## Task instructions
Among the records below, find each line bearing the word "save" and copy it.

## Material provided
..............................

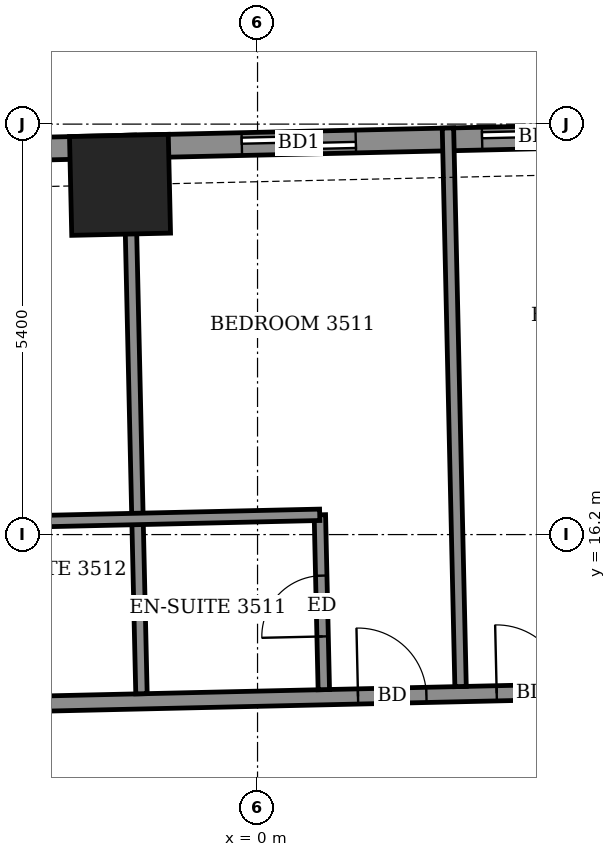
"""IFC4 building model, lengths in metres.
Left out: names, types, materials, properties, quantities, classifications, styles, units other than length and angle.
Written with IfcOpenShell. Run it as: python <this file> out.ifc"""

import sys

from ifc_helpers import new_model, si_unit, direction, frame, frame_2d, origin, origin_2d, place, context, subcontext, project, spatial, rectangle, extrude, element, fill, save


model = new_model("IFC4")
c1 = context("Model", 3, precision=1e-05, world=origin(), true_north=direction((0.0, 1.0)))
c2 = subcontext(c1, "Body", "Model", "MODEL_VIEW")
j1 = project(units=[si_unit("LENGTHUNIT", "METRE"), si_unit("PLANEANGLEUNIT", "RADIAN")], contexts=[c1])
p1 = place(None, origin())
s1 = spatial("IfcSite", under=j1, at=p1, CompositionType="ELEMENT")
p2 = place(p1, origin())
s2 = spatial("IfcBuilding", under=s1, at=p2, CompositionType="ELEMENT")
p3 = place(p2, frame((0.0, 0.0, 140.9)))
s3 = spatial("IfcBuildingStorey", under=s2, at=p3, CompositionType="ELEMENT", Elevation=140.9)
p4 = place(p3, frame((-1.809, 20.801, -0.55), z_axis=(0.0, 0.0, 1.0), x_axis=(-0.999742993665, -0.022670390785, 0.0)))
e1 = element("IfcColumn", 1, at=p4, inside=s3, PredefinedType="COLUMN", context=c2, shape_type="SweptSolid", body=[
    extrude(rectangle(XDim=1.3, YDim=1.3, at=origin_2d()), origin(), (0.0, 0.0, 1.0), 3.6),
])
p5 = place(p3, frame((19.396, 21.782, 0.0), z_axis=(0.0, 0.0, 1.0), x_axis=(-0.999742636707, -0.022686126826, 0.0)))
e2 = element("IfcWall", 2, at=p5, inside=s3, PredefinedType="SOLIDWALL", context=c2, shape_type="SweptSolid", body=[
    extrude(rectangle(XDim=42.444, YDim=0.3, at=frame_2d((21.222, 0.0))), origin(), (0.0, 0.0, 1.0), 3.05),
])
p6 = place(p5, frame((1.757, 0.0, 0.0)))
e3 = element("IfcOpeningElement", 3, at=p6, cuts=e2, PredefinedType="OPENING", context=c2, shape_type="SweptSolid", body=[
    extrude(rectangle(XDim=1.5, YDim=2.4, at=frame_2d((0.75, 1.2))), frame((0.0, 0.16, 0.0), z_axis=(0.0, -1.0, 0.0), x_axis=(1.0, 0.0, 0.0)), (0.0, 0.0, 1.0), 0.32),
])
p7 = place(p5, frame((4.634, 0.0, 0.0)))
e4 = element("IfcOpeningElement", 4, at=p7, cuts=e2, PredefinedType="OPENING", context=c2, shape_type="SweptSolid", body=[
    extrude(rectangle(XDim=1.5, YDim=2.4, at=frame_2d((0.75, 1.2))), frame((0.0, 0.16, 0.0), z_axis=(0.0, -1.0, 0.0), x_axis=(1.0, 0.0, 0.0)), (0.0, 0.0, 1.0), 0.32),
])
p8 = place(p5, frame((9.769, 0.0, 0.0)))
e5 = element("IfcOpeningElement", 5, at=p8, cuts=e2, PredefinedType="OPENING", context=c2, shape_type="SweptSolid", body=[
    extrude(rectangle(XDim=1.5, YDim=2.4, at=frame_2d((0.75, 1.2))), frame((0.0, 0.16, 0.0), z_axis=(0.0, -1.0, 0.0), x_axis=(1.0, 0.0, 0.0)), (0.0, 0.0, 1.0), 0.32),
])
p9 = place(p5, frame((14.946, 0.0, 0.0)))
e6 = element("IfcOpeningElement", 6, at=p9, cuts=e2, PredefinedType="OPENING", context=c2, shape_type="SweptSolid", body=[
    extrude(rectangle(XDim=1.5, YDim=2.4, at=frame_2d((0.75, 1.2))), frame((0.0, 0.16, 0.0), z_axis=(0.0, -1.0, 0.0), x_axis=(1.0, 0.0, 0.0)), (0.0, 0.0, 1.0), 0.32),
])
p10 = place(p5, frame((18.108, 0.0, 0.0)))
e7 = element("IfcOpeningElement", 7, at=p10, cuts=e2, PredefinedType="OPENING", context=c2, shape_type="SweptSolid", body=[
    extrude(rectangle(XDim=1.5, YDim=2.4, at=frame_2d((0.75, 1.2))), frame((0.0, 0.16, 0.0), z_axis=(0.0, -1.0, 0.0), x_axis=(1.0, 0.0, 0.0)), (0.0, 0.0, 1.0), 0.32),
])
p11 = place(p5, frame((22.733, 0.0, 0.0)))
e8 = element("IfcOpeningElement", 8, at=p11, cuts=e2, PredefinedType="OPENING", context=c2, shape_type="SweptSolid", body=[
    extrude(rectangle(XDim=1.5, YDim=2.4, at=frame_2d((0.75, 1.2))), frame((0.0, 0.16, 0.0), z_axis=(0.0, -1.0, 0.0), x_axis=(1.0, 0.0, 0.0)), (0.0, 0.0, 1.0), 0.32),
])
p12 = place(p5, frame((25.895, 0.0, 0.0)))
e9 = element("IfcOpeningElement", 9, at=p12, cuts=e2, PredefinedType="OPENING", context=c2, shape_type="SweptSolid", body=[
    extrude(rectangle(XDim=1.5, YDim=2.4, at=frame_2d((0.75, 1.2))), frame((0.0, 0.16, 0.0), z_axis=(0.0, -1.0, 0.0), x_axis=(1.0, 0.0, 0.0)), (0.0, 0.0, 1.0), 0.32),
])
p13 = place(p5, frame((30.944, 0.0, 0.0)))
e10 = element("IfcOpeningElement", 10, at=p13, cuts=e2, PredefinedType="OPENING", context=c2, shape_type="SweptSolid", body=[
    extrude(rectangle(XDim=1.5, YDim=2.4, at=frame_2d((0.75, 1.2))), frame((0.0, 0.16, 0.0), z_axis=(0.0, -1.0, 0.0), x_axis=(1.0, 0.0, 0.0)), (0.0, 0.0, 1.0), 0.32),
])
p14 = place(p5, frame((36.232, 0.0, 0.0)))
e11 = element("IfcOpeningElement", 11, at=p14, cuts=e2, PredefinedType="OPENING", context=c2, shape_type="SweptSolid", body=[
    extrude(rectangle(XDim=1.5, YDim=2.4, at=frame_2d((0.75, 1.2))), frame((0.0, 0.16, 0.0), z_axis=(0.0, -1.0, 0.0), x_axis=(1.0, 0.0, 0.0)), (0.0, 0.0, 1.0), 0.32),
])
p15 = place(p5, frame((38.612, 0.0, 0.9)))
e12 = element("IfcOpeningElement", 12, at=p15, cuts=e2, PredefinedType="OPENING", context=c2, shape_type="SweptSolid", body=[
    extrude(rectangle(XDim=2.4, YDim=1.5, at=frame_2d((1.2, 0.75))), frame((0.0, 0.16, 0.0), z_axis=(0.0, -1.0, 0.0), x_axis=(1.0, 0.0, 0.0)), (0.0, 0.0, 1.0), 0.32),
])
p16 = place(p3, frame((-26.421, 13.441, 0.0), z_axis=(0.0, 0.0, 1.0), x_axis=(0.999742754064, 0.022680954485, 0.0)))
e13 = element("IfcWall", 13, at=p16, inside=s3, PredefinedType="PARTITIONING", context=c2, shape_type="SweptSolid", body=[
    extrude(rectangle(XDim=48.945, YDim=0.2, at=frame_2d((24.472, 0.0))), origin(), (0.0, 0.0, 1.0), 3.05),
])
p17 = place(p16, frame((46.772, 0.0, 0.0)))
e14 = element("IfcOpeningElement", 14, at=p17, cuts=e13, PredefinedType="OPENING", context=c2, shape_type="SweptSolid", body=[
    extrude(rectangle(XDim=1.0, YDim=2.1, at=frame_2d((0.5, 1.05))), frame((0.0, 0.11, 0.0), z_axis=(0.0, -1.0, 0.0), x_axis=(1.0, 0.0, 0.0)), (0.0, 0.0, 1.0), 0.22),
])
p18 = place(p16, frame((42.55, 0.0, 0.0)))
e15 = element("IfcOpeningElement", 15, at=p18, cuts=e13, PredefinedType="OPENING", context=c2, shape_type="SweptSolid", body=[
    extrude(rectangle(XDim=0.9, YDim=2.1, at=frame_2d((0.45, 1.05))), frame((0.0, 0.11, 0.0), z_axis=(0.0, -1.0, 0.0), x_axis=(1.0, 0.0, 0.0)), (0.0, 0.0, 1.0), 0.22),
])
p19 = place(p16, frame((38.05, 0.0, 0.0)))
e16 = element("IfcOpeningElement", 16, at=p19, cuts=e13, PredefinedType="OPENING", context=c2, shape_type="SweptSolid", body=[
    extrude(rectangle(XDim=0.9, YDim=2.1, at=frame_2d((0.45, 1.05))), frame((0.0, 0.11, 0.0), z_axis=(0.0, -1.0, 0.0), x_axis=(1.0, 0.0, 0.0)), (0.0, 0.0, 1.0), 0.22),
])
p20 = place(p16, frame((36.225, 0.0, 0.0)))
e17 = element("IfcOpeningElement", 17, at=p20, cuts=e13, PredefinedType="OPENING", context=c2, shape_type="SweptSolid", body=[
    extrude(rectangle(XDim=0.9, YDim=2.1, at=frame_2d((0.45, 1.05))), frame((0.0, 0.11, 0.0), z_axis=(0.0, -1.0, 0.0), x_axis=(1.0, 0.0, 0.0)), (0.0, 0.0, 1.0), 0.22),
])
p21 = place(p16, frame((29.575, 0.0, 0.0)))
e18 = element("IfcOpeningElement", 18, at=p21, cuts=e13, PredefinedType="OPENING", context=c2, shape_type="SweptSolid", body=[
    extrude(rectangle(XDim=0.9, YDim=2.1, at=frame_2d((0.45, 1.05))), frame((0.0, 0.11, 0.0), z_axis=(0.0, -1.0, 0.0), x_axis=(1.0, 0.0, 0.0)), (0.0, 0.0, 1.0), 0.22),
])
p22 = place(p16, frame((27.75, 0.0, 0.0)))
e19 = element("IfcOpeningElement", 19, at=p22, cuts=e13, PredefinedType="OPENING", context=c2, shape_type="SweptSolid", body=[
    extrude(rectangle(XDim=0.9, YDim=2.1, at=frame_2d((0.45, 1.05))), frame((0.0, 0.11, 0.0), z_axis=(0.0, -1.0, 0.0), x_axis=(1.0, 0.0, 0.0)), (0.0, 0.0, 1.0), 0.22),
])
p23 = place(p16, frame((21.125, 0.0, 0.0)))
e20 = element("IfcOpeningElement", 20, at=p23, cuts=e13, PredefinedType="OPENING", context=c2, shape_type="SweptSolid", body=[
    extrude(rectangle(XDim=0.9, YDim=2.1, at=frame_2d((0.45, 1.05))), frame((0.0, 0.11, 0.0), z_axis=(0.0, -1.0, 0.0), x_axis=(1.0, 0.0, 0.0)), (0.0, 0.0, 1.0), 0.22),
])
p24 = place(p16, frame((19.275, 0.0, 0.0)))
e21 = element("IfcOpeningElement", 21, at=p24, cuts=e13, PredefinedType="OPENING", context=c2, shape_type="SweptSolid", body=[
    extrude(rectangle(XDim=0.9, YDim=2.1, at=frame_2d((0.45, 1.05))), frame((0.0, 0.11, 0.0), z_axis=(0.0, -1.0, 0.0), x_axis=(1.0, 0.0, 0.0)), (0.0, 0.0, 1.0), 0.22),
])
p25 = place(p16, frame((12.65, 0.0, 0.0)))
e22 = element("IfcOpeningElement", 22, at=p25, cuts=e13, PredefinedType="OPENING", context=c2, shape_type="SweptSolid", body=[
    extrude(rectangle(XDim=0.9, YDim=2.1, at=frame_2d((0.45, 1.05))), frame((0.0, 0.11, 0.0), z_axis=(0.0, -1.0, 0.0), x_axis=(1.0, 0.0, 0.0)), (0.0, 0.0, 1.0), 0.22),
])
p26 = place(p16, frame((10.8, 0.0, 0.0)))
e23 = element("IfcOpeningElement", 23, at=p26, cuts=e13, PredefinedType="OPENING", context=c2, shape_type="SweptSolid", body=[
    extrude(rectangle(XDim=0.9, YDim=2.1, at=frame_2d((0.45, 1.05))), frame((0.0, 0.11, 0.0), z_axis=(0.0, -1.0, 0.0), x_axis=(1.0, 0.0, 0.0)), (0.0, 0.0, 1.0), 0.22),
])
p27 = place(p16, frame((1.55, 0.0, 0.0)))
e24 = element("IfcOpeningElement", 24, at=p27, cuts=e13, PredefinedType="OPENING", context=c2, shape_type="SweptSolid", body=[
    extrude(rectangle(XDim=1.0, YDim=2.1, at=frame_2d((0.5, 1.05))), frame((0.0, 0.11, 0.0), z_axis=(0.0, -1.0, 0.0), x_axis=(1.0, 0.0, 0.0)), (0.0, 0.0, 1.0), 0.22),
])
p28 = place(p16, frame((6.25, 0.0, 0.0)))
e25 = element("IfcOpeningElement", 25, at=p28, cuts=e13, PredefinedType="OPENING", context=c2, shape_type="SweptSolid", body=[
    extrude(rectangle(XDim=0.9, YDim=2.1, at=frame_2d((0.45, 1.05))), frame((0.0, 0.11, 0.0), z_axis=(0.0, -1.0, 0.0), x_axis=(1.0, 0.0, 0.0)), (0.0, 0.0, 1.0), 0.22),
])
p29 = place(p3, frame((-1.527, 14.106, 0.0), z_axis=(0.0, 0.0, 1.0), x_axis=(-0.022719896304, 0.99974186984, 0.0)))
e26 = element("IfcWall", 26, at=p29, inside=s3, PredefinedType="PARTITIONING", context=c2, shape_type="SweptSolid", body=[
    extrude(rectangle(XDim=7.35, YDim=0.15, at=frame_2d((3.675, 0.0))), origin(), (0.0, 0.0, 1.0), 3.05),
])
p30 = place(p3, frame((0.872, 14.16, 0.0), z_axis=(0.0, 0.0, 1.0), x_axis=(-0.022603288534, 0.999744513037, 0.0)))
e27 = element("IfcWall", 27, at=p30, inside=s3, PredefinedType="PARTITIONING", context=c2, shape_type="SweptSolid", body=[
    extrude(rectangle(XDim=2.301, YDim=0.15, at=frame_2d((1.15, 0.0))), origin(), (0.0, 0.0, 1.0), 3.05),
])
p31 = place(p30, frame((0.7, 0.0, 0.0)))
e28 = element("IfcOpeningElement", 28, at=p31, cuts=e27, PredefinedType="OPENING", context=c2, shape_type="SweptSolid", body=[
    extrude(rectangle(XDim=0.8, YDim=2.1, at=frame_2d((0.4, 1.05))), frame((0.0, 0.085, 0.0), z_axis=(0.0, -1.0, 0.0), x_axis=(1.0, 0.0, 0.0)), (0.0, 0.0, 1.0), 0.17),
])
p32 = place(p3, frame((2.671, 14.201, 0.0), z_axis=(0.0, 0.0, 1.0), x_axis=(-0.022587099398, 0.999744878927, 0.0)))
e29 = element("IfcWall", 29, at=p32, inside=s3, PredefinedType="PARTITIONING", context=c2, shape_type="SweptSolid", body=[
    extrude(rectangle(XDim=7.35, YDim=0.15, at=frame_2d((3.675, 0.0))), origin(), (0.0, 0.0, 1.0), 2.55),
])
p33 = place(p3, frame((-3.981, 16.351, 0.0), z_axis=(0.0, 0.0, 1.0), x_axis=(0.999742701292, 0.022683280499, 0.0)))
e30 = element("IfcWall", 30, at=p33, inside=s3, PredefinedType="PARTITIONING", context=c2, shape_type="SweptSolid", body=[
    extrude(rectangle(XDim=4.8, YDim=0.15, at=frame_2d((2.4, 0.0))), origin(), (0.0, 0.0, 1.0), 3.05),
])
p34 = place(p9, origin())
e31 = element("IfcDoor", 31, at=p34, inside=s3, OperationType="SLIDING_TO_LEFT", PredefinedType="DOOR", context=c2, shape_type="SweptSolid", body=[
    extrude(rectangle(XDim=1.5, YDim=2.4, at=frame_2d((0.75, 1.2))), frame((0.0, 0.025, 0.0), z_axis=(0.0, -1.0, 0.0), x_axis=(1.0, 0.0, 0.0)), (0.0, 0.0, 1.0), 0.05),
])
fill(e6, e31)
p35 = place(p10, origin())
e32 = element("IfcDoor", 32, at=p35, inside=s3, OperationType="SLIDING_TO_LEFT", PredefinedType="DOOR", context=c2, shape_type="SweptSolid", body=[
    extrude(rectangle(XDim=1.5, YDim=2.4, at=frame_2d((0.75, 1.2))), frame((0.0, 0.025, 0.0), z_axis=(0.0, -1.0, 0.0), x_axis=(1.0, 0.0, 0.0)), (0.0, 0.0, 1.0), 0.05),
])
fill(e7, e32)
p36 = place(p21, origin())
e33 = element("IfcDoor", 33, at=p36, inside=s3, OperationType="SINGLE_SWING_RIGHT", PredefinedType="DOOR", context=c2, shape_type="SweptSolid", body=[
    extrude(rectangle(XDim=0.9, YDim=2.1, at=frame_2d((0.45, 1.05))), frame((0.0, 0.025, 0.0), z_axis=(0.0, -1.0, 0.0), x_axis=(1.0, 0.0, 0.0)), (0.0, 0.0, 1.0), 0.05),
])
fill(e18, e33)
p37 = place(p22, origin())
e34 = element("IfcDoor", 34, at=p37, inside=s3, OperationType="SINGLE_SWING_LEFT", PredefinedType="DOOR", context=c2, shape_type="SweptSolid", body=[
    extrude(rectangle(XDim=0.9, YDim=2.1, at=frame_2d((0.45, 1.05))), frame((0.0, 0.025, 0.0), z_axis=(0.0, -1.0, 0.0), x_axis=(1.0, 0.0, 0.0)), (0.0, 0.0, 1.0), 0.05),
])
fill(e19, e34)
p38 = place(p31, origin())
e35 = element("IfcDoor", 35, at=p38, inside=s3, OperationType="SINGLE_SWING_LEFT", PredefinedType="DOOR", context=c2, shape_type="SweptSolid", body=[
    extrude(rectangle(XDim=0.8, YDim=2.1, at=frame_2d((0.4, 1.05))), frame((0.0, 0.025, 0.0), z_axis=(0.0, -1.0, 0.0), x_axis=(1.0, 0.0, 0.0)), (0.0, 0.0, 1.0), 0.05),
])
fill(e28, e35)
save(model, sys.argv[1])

..............................

## Finished task
from ifc_helpers import new_model, si_unit, direction, frame, frame_2d, origin, origin_2d, place, context, subcontext, project, spatial, rectangle, extrude, element, fill, save
save(model, sys.argv[1])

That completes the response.